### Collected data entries
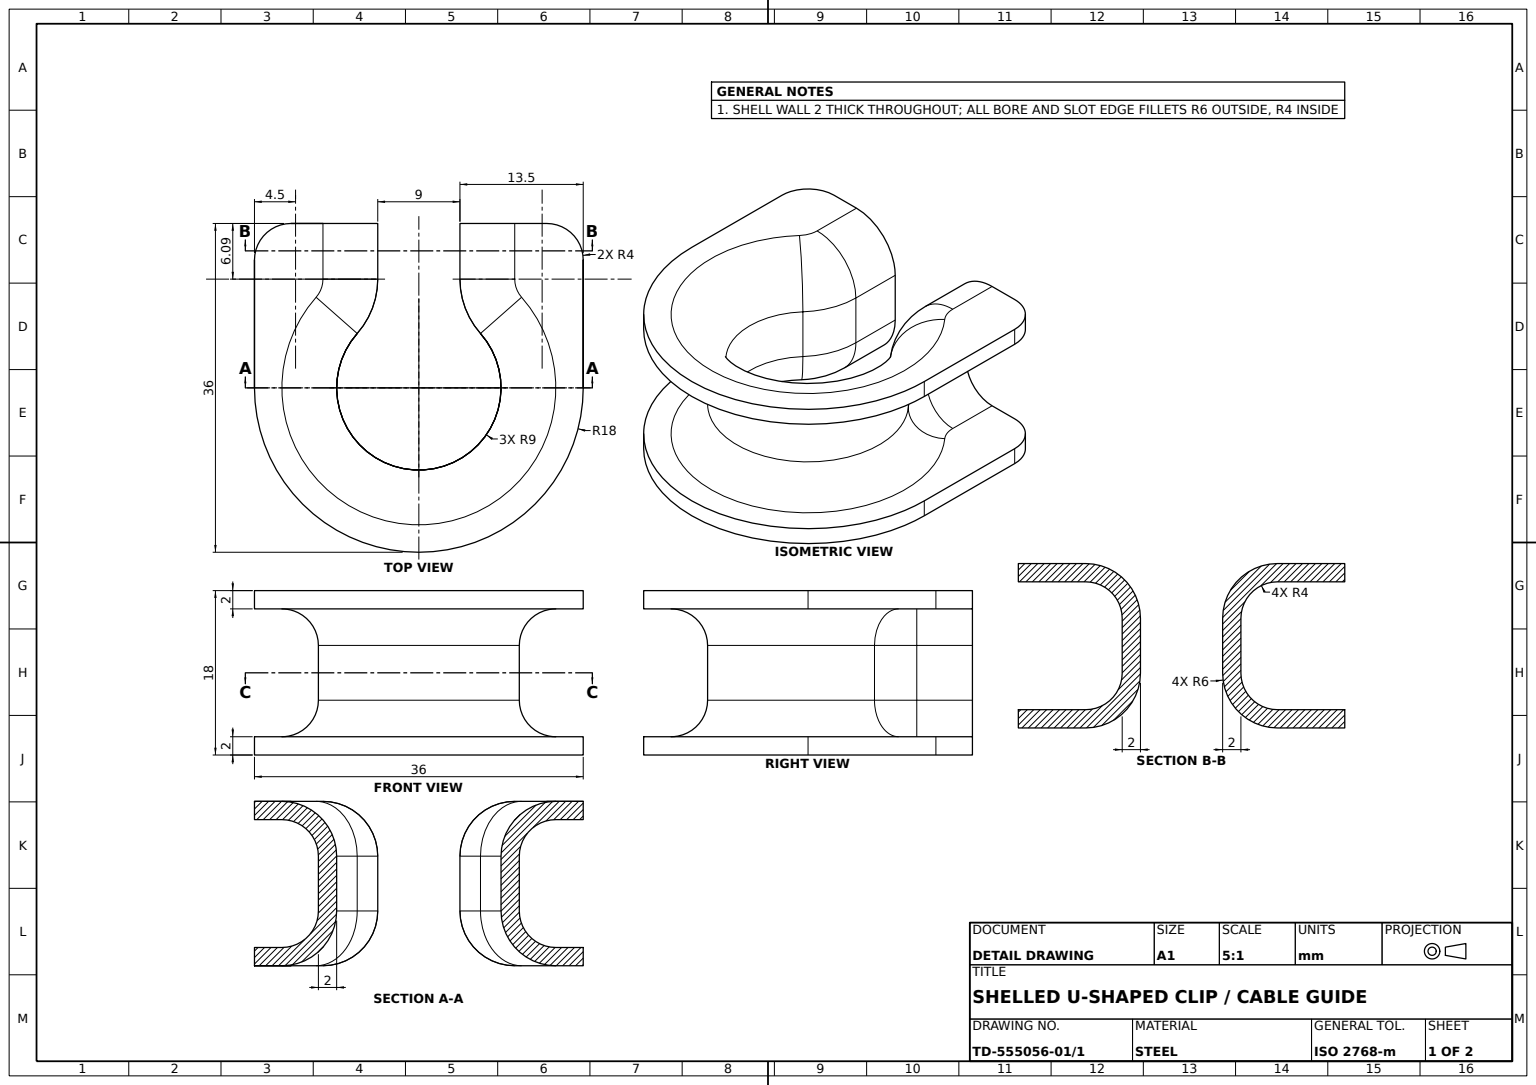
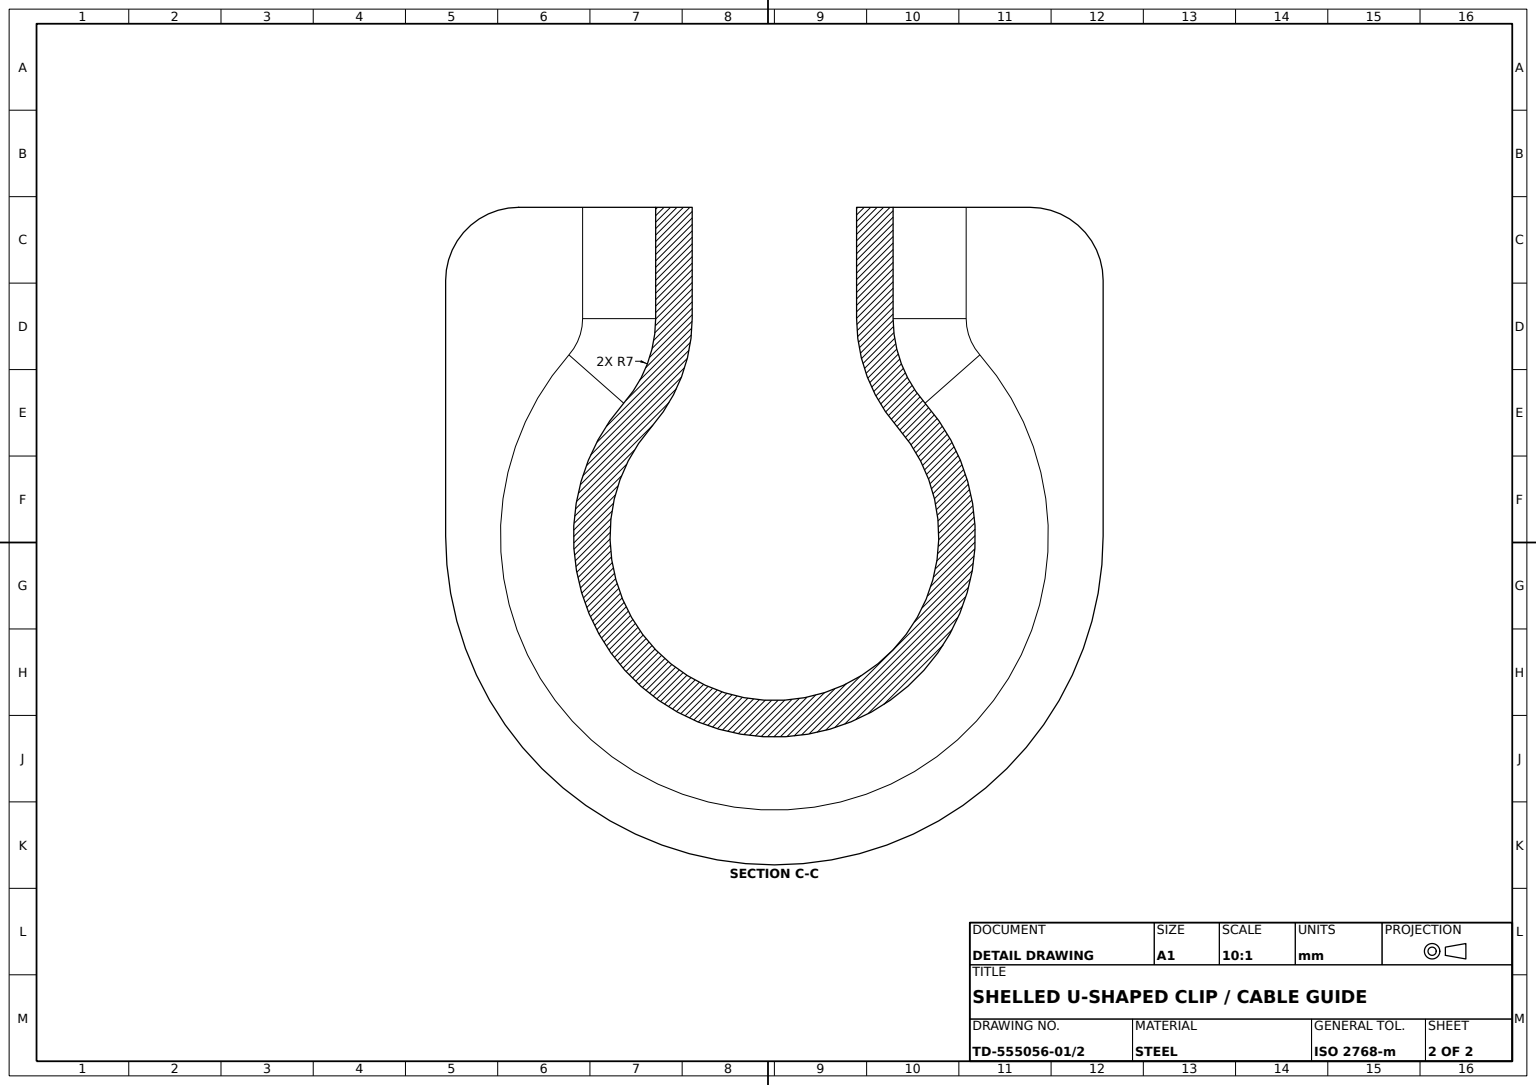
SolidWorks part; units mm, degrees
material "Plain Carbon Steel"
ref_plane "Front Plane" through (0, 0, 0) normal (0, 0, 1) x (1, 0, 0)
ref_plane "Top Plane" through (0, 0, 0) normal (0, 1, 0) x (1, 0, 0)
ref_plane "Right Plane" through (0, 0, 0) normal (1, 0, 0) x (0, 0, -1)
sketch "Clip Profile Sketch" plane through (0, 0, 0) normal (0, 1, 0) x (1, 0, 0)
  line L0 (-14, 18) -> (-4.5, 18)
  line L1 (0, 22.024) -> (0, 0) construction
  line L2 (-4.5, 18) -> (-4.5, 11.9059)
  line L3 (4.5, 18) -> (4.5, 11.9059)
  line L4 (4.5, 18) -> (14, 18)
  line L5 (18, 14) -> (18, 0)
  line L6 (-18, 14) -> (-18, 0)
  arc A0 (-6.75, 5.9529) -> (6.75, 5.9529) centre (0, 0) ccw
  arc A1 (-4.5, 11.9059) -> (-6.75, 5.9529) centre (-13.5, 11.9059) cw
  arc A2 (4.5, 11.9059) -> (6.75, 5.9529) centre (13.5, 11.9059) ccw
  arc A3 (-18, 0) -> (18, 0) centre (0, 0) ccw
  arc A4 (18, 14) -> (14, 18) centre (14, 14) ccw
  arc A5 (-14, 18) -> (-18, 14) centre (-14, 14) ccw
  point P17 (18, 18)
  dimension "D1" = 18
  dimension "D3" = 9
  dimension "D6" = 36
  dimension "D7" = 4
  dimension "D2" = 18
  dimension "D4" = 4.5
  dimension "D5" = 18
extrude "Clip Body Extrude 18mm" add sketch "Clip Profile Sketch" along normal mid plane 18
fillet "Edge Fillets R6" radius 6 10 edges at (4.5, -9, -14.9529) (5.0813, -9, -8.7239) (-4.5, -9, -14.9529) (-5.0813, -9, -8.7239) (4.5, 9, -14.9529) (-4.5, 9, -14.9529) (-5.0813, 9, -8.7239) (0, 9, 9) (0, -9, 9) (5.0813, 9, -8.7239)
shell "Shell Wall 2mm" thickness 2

### WHAT YOU HAVE TO DO
The lines from the start of the records above through the line that holds "arc A0 (-6.75, 5.9529)" are to be copied exactly, both ends included, and no pictures are to be copied.

### TASK RESULT
SolidWorks part; units mm, degrees
material "Plain Carbon Steel"
ref_plane "Front Plane" through (0, 0, 0) normal (0, 0, 1) x (1, 0, 0)
ref_plane "Top Plane" through (0, 0, 0) normal (0, 1, 0) x (1, 0, 0)
ref_plane "Right Plane" through (0, 0, 0) normal (1, 0, 0) x (0, 0, -1)
sketch "Clip Profile Sketch" plane through (0, 0, 0) normal (0, 1, 0) x (1, 0, 0)
  line L0 (-14, 18) -> (-4.5, 18)
  line L1 (0, 22.024) -> (0, 0) construction
  line L2 (-4.5, 18) -> (-4.5, 11.9059)
  line L3 (4.5, 18) -> (4.5, 11.9059)
  line L4 (4.5, 18) -> (14, 18)
  line L5 (18, 14) -> (18, 0)
  line L6 (-18, 14) -> (-18, 0)
  arc A0 (-6.75, 5.9529) -> (6.75, 5.9529) centre (0, 0) ccw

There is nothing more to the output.